[What you will do] Below are the entries; give again exactly the lines from the one mentioning "#174=FACE_OUTER_BOUND('',#173,.T.);" through the one mentioning "#180=ADVANCED_FACE('',(#174),#179,.T.);", inclusive.

[Collection entries]

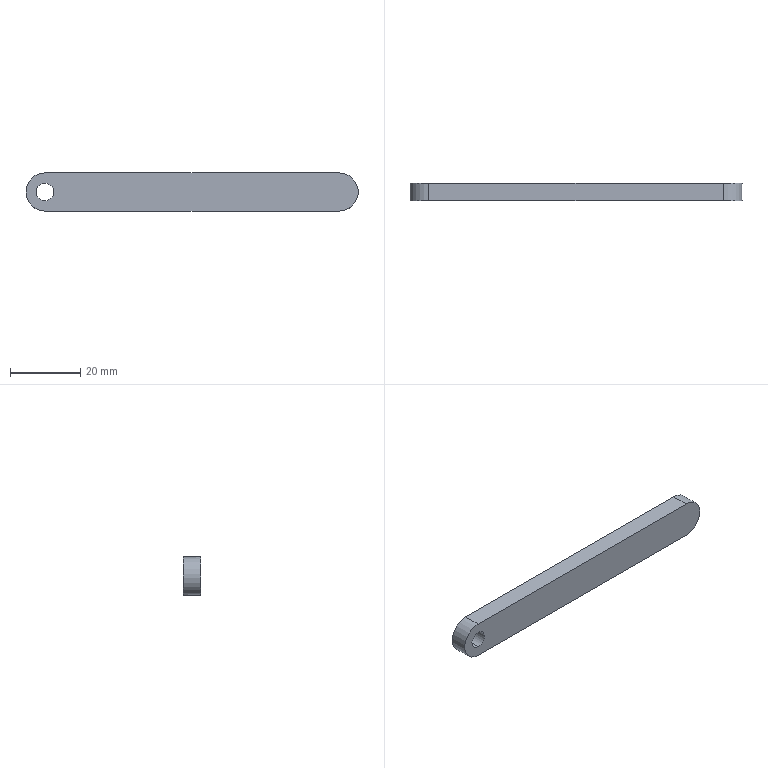Component | SolidWorks | RehabilitationChair-18-14-4 | 1 solid | 8 faces | box 94.86 x 5.04 x 10.89 mm | volume 4930 mm3 | cylinder 4 | plane 4 | commonest cylinder face diameters 5.024 x2 10.87 x2
STEP:
#1=CARTESIAN_POINT('',(16.416,6.261,11.67));
#2=VERTEX_POINT('',#1);
#3=CARTESIAN_POINT('',(16.416,6.262,11.868));
#4=VERTEX_POINT('',#3);
#5=CARTESIAN_POINT('',(16.416,6.261,11.769));
#6=DIRECTION('',(0.,1.,-0.003798));
#7=DIRECTION('',(0.,0.003798,1.));
#8=AXIS2_PLACEMENT_3D('',#5,#6,#7);
#9=CIRCLE('',#8,0.0989);
#10=EDGE_CURVE('',#2,#4,#9,.T.);
#11=ORIENTED_EDGE('',*,*,#10,.F.);
#12=CARTESIAN_POINT('',(16.416,6.458,11.67));
#13=VERTEX_POINT('',#12);
#14=CARTESIAN_POINT('',(16.416,5.053,11.675));
#15=DIRECTION('',(0.,1.,-0.003798));
#16=VECTOR('',#15,39.37);
#17=LINE('',#14,#16);
#18=EDGE_CURVE('',#2,#13,#17,.T.);
#19=ORIENTED_EDGE('',*,*,#18,.T.);
#20=CARTESIAN_POINT('',(16.416,6.459,11.867));
#21=VERTEX_POINT('',#20);
#22=CARTESIAN_POINT('',(16.416,6.458,11.768));
#23=DIRECTION('',(0.,1.,-0.003798));
#24=DIRECTION('',(0.,0.003798,1.));
#25=AXIS2_PLACEMENT_3D('',#22,#23,#24);
#26=CIRCLE('',#25,0.0989);
#27=EDGE_CURVE('',#13,#21,#26,.T.);
#28=ORIENTED_EDGE('',*,*,#27,.T.);
#29=CARTESIAN_POINT('',(16.416,5.054,11.873));
#30=DIRECTION('',(0.,1.,-0.003798));
#31=VECTOR('',#30,39.37);
#32=LINE('',#29,#31);
#33=EDGE_CURVE('',#4,#21,#32,.T.);
#34=ORIENTED_EDGE('',*,*,#33,.F.);
#35=EDGE_LOOP('',(#11,#19,#28,#34));
#36=FACE_OUTER_BOUND('',#35,.T.);
#37=CARTESIAN_POINT('',(16.416,5.054,11.774));
#38=DIRECTION('',(0.,1.,-0.003798));
#39=DIRECTION('',(0.,0.003798,1.));
#40=AXIS2_PLACEMENT_3D('',#37,#38,#39);
#41=CYLINDRICAL_SURFACE('',#40,0.0989);
#42=ADVANCED_FACE('',(#36),#41,.F.);
#43=ORIENTED_EDGE('',*,*,#18,.F.);
#44=CARTESIAN_POINT('',(16.416,6.261,11.769));
#45=DIRECTION('',(0.,1.,-0.003798));
#46=DIRECTION('',(0.,0.003798,1.));
#47=AXIS2_PLACEMENT_3D('',#44,#45,#46);
#48=CIRCLE('',#47,0.0989);
#49=EDGE_CURVE('',#4,#2,#48,.T.);
#50=ORIENTED_EDGE('',*,*,#49,.F.);
#51=ORIENTED_EDGE('',*,*,#33,.T.);
#52=CARTESIAN_POINT('',(16.416,6.458,11.768));
#53=DIRECTION('',(0.,1.,-0.003798));
#54=DIRECTION('',(0.,0.003798,1.));
#55=AXIS2_PLACEMENT_3D('',#52,#53,#54);
#56=CIRCLE('',#55,0.0989);
#57=EDGE_CURVE('',#21,#13,#56,.T.);
#58=ORIENTED_EDGE('',*,*,#57,.T.);
#59=EDGE_LOOP('',(#43,#50,#51,#58));
#60=FACE_OUTER_BOUND('',#59,.T.);
#61=CARTESIAN_POINT('',(16.416,5.054,11.774));
#62=DIRECTION('',(0.,1.,-0.003798));
#63=DIRECTION('',(0.,0.003798,1.));
#64=AXIS2_PLACEMENT_3D('',#61,#62,#63);
#65=CYLINDRICAL_SURFACE('',#64,0.0989);
#66=ADVANCED_FACE('',(#60),#65,.F.);
#67=ORIENTED_EDGE('',*,*,#57,.F.);
#68=ORIENTED_EDGE('',*,*,#27,.F.);
#69=EDGE_LOOP('',(#67,#68));
#70=FACE_BOUND('',#69,.T.);
#71=CARTESIAN_POINT('',(16.416,6.457,11.554));
#72=VERTEX_POINT('',#71);
#73=CARTESIAN_POINT('',(16.416,6.459,11.982));
#74=VERTEX_POINT('',#73);
#75=CARTESIAN_POINT('',(16.416,6.458,11.768));
#76=DIRECTION('',(0.,1.,-0.003798));
#77=DIRECTION('',(0.,0.003798,1.));
#78=AXIS2_PLACEMENT_3D('',#75,#76,#77);
#79=CIRCLE('',#78,0.214);
#80=EDGE_CURVE('',#72,#74,#79,.T.);
#81=ORIENTED_EDGE('',*,*,#80,.T.);
#82=CARTESIAN_POINT('',(19.723,6.459,11.982));
#83=VERTEX_POINT('',#82);
#84=CARTESIAN_POINT('',(16.416,6.459,11.982));
#85=DIRECTION('',(1.,-0.,0.));
#86=VECTOR('',#85,39.37);
#87=LINE('',#84,#86);
#88=EDGE_CURVE('',#74,#83,#87,.T.);
#89=ORIENTED_EDGE('',*,*,#88,.T.);
#90=CARTESIAN_POINT('',(19.723,6.457,11.554));
#91=VERTEX_POINT('',#90);
#92=CARTESIAN_POINT('',(19.723,6.458,11.768));
#93=DIRECTION('',(0.,1.,-0.003798));
#94=DIRECTION('',(0.,0.003798,1.));
#95=AXIS2_PLACEMENT_3D('',#92,#93,#94);
#96=CIRCLE('',#95,0.214);
#97=EDGE_CURVE('',#83,#91,#96,.T.);
#98=ORIENTED_EDGE('',*,*,#97,.T.);
#99=CARTESIAN_POINT('',(16.416,6.457,11.554));
#100=DIRECTION('',(-1.,0.,-0.));
#101=VECTOR('',#100,39.37);
#102=LINE('',#99,#101);
#103=EDGE_CURVE('',#91,#72,#102,.T.);
#104=ORIENTED_EDGE('',*,*,#103,.T.);
#105=EDGE_LOOP('',(#81,#89,#98,#104));
#106=FACE_OUTER_BOUND('',#105,.T.);
#107=CARTESIAN_POINT('',(16.416,6.458,11.768));
#108=DIRECTION('',(0.,1.,-0.003798));
#109=DIRECTION('',(-0.,0.003798,1.));
#110=AXIS2_PLACEMENT_3D('',#107,#108,#109);
#111=PLANE('',#110);
#112=ADVANCED_FACE('',(#70,#106),#111,.T.);
#113=ORIENTED_EDGE('',*,*,#49,.T.);
#114=ORIENTED_EDGE('',*,*,#10,.T.);
#115=EDGE_LOOP('',(#113,#114));
#116=FACE_BOUND('',#115,.T.);
#117=CARTESIAN_POINT('',(16.416,6.261,11.555));
#118=VERTEX_POINT('',#117);
#119=CARTESIAN_POINT('',(16.416,6.262,11.983));
#120=VERTEX_POINT('',#119);
#121=CARTESIAN_POINT('',(16.416,6.261,11.769));
#122=DIRECTION('',(0.,1.,-0.003798));
#123=DIRECTION('',(0.,0.003798,1.));
#124=AXIS2_PLACEMENT_3D('',#121,#122,#123);
#125=CIRCLE('',#124,0.214);
#126=EDGE_CURVE('',#118,#120,#125,.T.);
#127=ORIENTED_EDGE('',*,*,#126,.F.);
#128=CARTESIAN_POINT('',(19.723,6.261,11.555));
#129=VERTEX_POINT('',#128);
#130=CARTESIAN_POINT('',(16.416,6.261,11.555));
#131=DIRECTION('',(-1.,0.,-0.));
#132=VECTOR('',#131,39.37);
#133=LINE('',#130,#132);
#134=EDGE_CURVE('',#129,#118,#133,.T.);
#135=ORIENTED_EDGE('',*,*,#134,.F.);
#136=CARTESIAN_POINT('',(19.723,6.262,11.983));
#137=VERTEX_POINT('',#136);
#138=CARTESIAN_POINT('',(19.723,6.261,11.769));
#139=DIRECTION('',(0.,1.,-0.003798));
#140=DIRECTION('',(0.,0.003798,1.));
#141=AXIS2_PLACEMENT_3D('',#138,#139,#140);
#142=CIRCLE('',#141,0.214);
#143=EDGE_CURVE('',#137,#129,#142,.T.);
#144=ORIENTED_EDGE('',*,*,#143,.F.);
#145=CARTESIAN_POINT('',(16.416,6.262,11.983));
#146=DIRECTION('',(1.,-0.,0.));
#147=VECTOR('',#146,39.37);
#148=LINE('',#145,#147);
#149=EDGE_CURVE('',#120,#137,#148,.T.);
#150=ORIENTED_EDGE('',*,*,#149,.F.);
#151=EDGE_LOOP('',(#127,#135,#144,#150));
#152=FACE_OUTER_BOUND('',#151,.T.);
#153=CARTESIAN_POINT('',(16.416,6.261,11.769));
#154=DIRECTION('',(0.,1.,-0.003798));
#155=DIRECTION('',(-0.,0.003798,1.));
#156=AXIS2_PLACEMENT_3D('',#153,#154,#155);
#157=PLANE('',#156);
#158=ADVANCED_FACE('',(#116,#152),#157,.F.);
#159=ORIENTED_EDGE('',*,*,#126,.T.);
#160=CARTESIAN_POINT('',(16.416,6.459,11.982));
#161=DIRECTION('',(-0.,-1.,0.003798));
#162=VECTOR('',#161,39.37);
#163=LINE('',#160,#162);
#164=EDGE_CURVE('',#74,#120,#163,.T.);
#165=ORIENTED_EDGE('',*,*,#164,.F.);
#166=ORIENTED_EDGE('',*,*,#80,.F.);
#167=CARTESIAN_POINT('',(16.416,6.457,11.554));
#168=DIRECTION('',(-0.,-1.,0.003798));
#169=VECTOR('',#168,39.37);
#170=LINE('',#167,#169);
#171=EDGE_CURVE('',#72,#118,#170,.T.);
#172=ORIENTED_EDGE('',*,*,#171,.T.);
#173=EDGE_LOOP('',(#159,#165,#166,#172));
#174=FACE_OUTER_BOUND('',#173,.T.);
#175=CARTESIAN_POINT('',(16.416,6.458,11.768));
#176=DIRECTION('',(-0.,-1.,0.003798));
#177=DIRECTION('',(0.,-0.003798,-1.));
#178=AXIS2_PLACEMENT_3D('',#175,#176,#177);
#179=CYLINDRICAL_SURFACE('',#178,0.214);
#180=ADVANCED_FACE('',(#174),#179,.T.);
#181=ORIENTED_EDGE('',*,*,#134,.T.);
#182=ORIENTED_EDGE('',*,*,#171,.F.);
#183=ORIENTED_EDGE('',*,*,#103,.F.);
#184=CARTESIAN_POINT('',(19.723,6.457,11.554));
#185=DIRECTION('',(-0.,-1.,0.003798));
#186=VECTOR('',#185,39.37);
#187=LINE('',#184,#186);
#188=EDGE_CURVE('',#91,#129,#187,.T.);
#189=ORIENTED_EDGE('',*,*,#188,.T.);
#190=EDGE_LOOP('',(#181,#182,#183,#189));
#191=FACE_OUTER_BOUND('',#190,.T.);
#192=CARTESIAN_POINT('',(16.416,6.457,11.554));
#193=DIRECTION('',(-0.,0.003798,1.));
#194=DIRECTION('',(-0.,-1.,0.003798));
#195=AXIS2_PLACEMENT_3D('',#192,#193,#194);
#196=PLANE('',#195);
#197=ADVANCED_FACE('',(#191),#196,.F.);
#198=ORIENTED_EDGE('',*,*,#143,.T.);
#199=ORIENTED_EDGE('',*,*,#188,.F.);
#200=ORIENTED_EDGE('',*,*,#97,.F.);
#201=CARTESIAN_POINT('',(19.723,6.459,11.982));
#202=DIRECTION('',(-0.,-1.,0.003798));
#203=VECTOR('',#202,39.37);
#204=LINE('',#201,#203);
#205=EDGE_CURVE('',#83,#137,#204,.T.);
#206=ORIENTED_EDGE('',*,*,#205,.T.);
#207=EDGE_LOOP('',(#198,#199,#200,#206));
#208=FACE_OUTER_BOUND('',#207,.T.);
#209=CARTESIAN_POINT('',(19.723,6.458,11.768));
#210=DIRECTION('',(-0.,-1.,0.003798));
#211=DIRECTION('',(0.,-0.003798,-1.));
#212=AXIS2_PLACEMENT_3D('',#209,#210,#211);
#213=CYLINDRICAL_SURFACE('',#212,0.214);
#214=ADVANCED_FACE('',(#208),#213,.T.);
#215=ORIENTED_EDGE('',*,*,#149,.T.);
#216=ORIENTED_EDGE('',*,*,#205,.F.);
#217=ORIENTED_EDGE('',*,*,#88,.F.);
#218=ORIENTED_EDGE('',*,*,#164,.T.);
#219=EDGE_LOOP('',(#215,#216,#217,#218));
#220=FACE_OUTER_BOUND('',#219,.T.);
#221=CARTESIAN_POINT('',(16.416,6.459,11.982));
#222=DIRECTION('',(0.,-0.003798,-1.));
#223=DIRECTION('',(0.,1.,-0.003798));
#224=AXIS2_PLACEMENT_3D('',#221,#222,#223);
#225=PLANE('',#224);
#226=ADVANCED_FACE('',(#220),#225,.F.);
#227=CLOSED_SHELL('',(#42,#66,#112,#158,#180,#197,#214,#226));
#228=MANIFOLD_SOLID_BREP('',#227);
#229=CARTESIAN_POINT('',(0.,0.,0.));
#230=DIRECTION('',(0.,0.,1.));
#231=DIRECTION('',(1.,0.,0.));
#232=AXIS2_PLACEMENT_3D('',#229,#230,#231);
#233=(LENGTH_UNIT()NAMED_UNIT(*)SI_UNIT($,.METRE.));
#234=LENGTH_MEASURE_WITH_UNIT(LENGTH_MEASURE(0.0254),#233);
#235=DIMENSIONAL_EXPONENTS(1.,0.,0.,0.,0.,0.,0.);
#236=(CONVERSION_BASED_UNIT('',#234)LENGTH_UNIT()NAMED_UNIT(#235));
#237=UNCERTAINTY_MEASURE_WITH_UNIT(LENGTH_MEASURE(0.00001),#236,'','');
#238=(NAMED_UNIT(*)PLANE_ANGLE_UNIT()SI_UNIT($,.RADIAN.));
#239=(NAMED_UNIT(*)SI_UNIT($,.STERADIAN.)SOLID_ANGLE_UNIT());
#240=(GEOMETRIC_REPRESENTATION_CONTEXT(3)GLOBAL_UNCERTAINTY_ASSIGNED_CONTEXT((#237))GLOBAL_UNIT_ASSIGNED_CONTEXT((#236,#238,#239))REPRESENTATION_CONTEXT('',''));
#241=ADVANCED_BREP_SHAPE_REPRESENTATION('',(#228,#232),#240);
#242=COLOUR_RGB('',0.7922,0.8196,0.9333);
#243=FILL_AREA_STYLE_COLOUR('',#242);
#244=FILL_AREA_STYLE('',(#243));
#245=SURFACE_STYLE_FILL_AREA(#244);
#246=SURFACE_SIDE_STYLE('',(#245));
#247=SURFACE_STYLE_USAGE(.BOTH.,#246);
#248=PRESENTATION_STYLE_ASSIGNMENT((#247));
#249=STYLED_ITEM('',(#248),#228);
#250=PRESENTATION_LAYER_ASSIGNMENT('','',(#249));
#251=(LENGTH_UNIT()NAMED_UNIT(*)SI_UNIT($,.METRE.));
#252=LENGTH_MEASURE_WITH_UNIT(LENGTH_MEASURE(0.0254),#251);
#253=DIMENSIONAL_EXPONENTS(1.,0.,0.,0.,0.,0.,0.);
#254=(CONVERSION_BASED_UNIT('',#252)LENGTH_UNIT()NAMED_UNIT(#253));
#255=UNCERTAINTY_MEASURE_WITH_UNIT(LENGTH_MEASURE(0.00001),#254,'','');
#256=(NAMED_UNIT(*)PLANE_ANGLE_UNIT()SI_UNIT($,.RADIAN.));
#257=(NAMED_UNIT(*)SI_UNIT($,.STERADIAN.)SOLID_ANGLE_UNIT());
#258=(GEOMETRIC_REPRESENTATION_CONTEXT(3)GLOBAL_UNCERTAINTY_ASSIGNED_CONTEXT((#255))GLOBAL_UNIT_ASSIGNED_CONTEXT((#254,#256,#257))REPRESENTATION_CONTEXT('',''));
#259=MECHANICAL_DESIGN_GEOMETRIC_PRESENTATION_REPRESENTATION('',(#249),#258);

[Solution below]
#174=FACE_OUTER_BOUND('',#173,.T.);
#175=CARTESIAN_POINT('',(16.416,6.458,11.768));
#176=DIRECTION('',(-0.,-1.,0.003798));
#177=DIRECTION('',(0.,-0.003798,-1.));
#178=AXIS2_PLACEMENT_3D('',#175,#176,#177);
#179=CYLINDRICAL_SURFACE('',#178,0.214);
#180=ADVANCED_FACE('',(#174),#179,.T.);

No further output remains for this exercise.